* _WHAT YOU WILL DO_:
Would you copy each line of the data below that has "rectangle"?

* _THE DATA_:
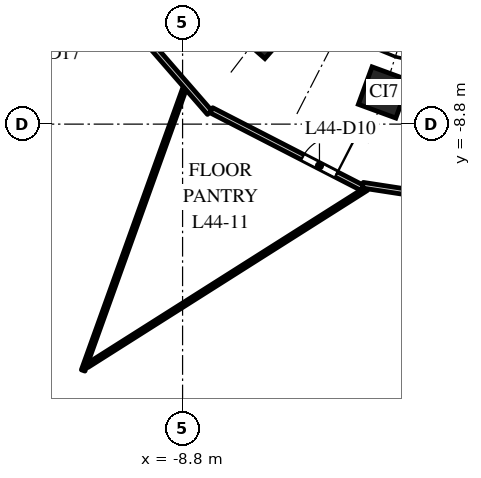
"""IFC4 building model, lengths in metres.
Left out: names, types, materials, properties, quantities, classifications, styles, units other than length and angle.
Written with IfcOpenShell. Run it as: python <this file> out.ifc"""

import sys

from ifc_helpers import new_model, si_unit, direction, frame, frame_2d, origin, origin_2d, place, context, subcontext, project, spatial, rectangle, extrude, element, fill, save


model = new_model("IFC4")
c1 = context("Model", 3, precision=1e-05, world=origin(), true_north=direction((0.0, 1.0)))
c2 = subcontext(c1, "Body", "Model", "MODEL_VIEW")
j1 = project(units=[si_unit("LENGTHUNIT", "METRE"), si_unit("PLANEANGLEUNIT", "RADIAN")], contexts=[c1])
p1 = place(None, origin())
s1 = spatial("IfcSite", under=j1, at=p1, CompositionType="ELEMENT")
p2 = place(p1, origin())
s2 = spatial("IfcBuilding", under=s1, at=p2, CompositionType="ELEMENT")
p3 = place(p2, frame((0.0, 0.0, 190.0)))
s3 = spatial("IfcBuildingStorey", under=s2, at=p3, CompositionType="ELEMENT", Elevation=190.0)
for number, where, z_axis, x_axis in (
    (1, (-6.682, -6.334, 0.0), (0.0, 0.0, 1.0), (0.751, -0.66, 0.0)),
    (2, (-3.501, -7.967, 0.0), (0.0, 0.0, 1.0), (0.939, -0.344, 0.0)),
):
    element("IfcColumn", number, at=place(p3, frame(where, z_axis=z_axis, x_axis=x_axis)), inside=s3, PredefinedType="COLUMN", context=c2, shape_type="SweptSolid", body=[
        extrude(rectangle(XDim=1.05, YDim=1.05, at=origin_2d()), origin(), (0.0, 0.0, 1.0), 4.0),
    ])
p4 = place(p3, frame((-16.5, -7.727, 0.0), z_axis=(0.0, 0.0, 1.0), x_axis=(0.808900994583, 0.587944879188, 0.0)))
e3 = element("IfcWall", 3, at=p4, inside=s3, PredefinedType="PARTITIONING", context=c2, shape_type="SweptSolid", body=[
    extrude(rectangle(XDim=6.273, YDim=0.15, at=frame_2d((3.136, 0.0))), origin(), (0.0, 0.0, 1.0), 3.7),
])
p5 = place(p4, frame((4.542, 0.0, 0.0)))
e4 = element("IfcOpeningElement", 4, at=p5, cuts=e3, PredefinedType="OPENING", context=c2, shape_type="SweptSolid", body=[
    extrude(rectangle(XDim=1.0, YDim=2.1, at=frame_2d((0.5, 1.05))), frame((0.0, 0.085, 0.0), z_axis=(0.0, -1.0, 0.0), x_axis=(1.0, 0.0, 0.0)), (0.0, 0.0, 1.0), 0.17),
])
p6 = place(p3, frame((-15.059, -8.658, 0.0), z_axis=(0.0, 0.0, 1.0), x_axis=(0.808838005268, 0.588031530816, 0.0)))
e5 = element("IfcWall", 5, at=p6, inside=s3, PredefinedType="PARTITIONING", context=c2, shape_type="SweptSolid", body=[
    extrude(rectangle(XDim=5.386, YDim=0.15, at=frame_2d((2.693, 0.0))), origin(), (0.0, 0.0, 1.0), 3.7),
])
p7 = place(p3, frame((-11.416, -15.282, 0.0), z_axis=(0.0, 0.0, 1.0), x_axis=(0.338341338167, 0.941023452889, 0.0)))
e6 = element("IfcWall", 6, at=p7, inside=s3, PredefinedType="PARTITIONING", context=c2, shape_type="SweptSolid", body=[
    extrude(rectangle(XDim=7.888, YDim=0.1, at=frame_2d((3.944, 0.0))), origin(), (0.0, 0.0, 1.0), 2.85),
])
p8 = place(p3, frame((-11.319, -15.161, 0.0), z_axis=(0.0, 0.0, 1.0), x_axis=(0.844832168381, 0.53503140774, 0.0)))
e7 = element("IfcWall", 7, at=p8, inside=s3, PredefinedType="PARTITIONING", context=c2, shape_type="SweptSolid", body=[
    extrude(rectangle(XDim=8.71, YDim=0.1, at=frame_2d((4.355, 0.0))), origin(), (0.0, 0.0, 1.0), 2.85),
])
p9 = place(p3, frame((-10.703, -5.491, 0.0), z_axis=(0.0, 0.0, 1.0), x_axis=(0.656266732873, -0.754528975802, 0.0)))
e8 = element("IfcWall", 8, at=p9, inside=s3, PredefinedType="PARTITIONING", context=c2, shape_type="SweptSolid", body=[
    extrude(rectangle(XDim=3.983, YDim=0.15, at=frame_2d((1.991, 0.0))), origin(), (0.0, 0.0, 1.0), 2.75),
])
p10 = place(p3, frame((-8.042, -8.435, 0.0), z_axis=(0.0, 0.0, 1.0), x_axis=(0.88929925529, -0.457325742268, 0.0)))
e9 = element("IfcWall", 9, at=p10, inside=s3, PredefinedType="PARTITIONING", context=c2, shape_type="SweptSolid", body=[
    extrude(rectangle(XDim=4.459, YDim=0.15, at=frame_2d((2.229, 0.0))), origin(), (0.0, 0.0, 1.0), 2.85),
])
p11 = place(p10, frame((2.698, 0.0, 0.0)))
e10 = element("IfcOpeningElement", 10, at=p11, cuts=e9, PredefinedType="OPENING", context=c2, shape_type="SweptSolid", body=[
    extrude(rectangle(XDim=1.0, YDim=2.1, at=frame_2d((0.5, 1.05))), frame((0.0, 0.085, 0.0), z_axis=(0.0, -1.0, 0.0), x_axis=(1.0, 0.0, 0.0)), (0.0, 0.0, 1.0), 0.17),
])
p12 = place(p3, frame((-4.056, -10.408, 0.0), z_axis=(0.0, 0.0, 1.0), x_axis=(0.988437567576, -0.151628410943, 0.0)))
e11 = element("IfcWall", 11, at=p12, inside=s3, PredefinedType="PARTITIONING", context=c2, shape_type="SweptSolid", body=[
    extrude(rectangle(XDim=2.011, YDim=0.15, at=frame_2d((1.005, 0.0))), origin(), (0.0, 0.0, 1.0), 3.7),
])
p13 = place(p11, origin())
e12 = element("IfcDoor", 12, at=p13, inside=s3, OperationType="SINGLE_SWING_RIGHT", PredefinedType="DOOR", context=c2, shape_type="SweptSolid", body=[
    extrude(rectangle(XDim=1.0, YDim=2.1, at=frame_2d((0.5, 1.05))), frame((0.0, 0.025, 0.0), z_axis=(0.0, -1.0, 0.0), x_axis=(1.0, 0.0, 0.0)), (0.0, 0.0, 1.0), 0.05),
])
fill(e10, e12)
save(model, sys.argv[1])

* _EXERCISE OUTPUT_:
from ifc_helpers import new_model, si_unit, direction, frame, frame_2d, origin, origin_2d, place, context, subcontext, project, spatial, rectangle, extrude, element, fill, save
        extrude(rectangle(XDim=1.05, YDim=1.05, at=origin_2d()), origin(), (0.0, 0.0, 1.0), 4.0),
    extrude(rectangle(XDim=6.273, YDim=0.15, at=frame_2d((3.136, 0.0))), origin(), (0.0, 0.0, 1.0), 3.7),
    extrude(rectangle(XDim=1.0, YDim=2.1, at=frame_2d((0.5, 1.05))), frame((0.0, 0.085, 0.0), z_axis=(0.0, -1.0, 0.0), x_axis=(1.0, 0.0, 0.0)), (0.0, 0.0, 1.0), 0.17),
    extrude(rectangle(XDim=5.386, YDim=0.15, at=frame_2d((2.693, 0.0))), origin(), (0.0, 0.0, 1.0), 3.7),
    extrude(rectangle(XDim=7.888, YDim=0.1, at=frame_2d((3.944, 0.0))), origin(), (0.0, 0.0, 1.0), 2.85),
    extrude(rectangle(XDim=8.71, YDim=0.1, at=frame_2d((4.355, 0.0))), origin(), (0.0, 0.0, 1.0), 2.85),
    extrude(rectangle(XDim=3.983, YDim=0.15, at=frame_2d((1.991, 0.0))), origin(), (0.0, 0.0, 1.0), 2.75),
    extrude(rectangle(XDim=4.459, YDim=0.15, at=frame_2d((2.229, 0.0))), origin(), (0.0, 0.0, 1.0), 2.85),
    extrude(rectangle(XDim=1.0, YDim=2.1, at=frame_2d((0.5, 1.05))), frame((0.0, 0.085, 0.0), z_axis=(0.0, -1.0, 0.0), x_axis=(1.0, 0.0, 0.0)), (0.0, 0.0, 1.0), 0.17),
    extrude(rectangle(XDim=2.011, YDim=0.15, at=frame_2d((1.005, 0.0))), origin(), (0.0, 0.0, 1.0), 3.7),
    extrude(rectangle(XDim=1.0, YDim=2.1, at=frame_2d((0.5, 1.05))), frame((0.0, 0.025, 0.0), z_axis=(0.0, -1.0, 0.0), x_axis=(1.0, 0.0, 0.0)), (0.0, 0.0, 1.0), 0.05),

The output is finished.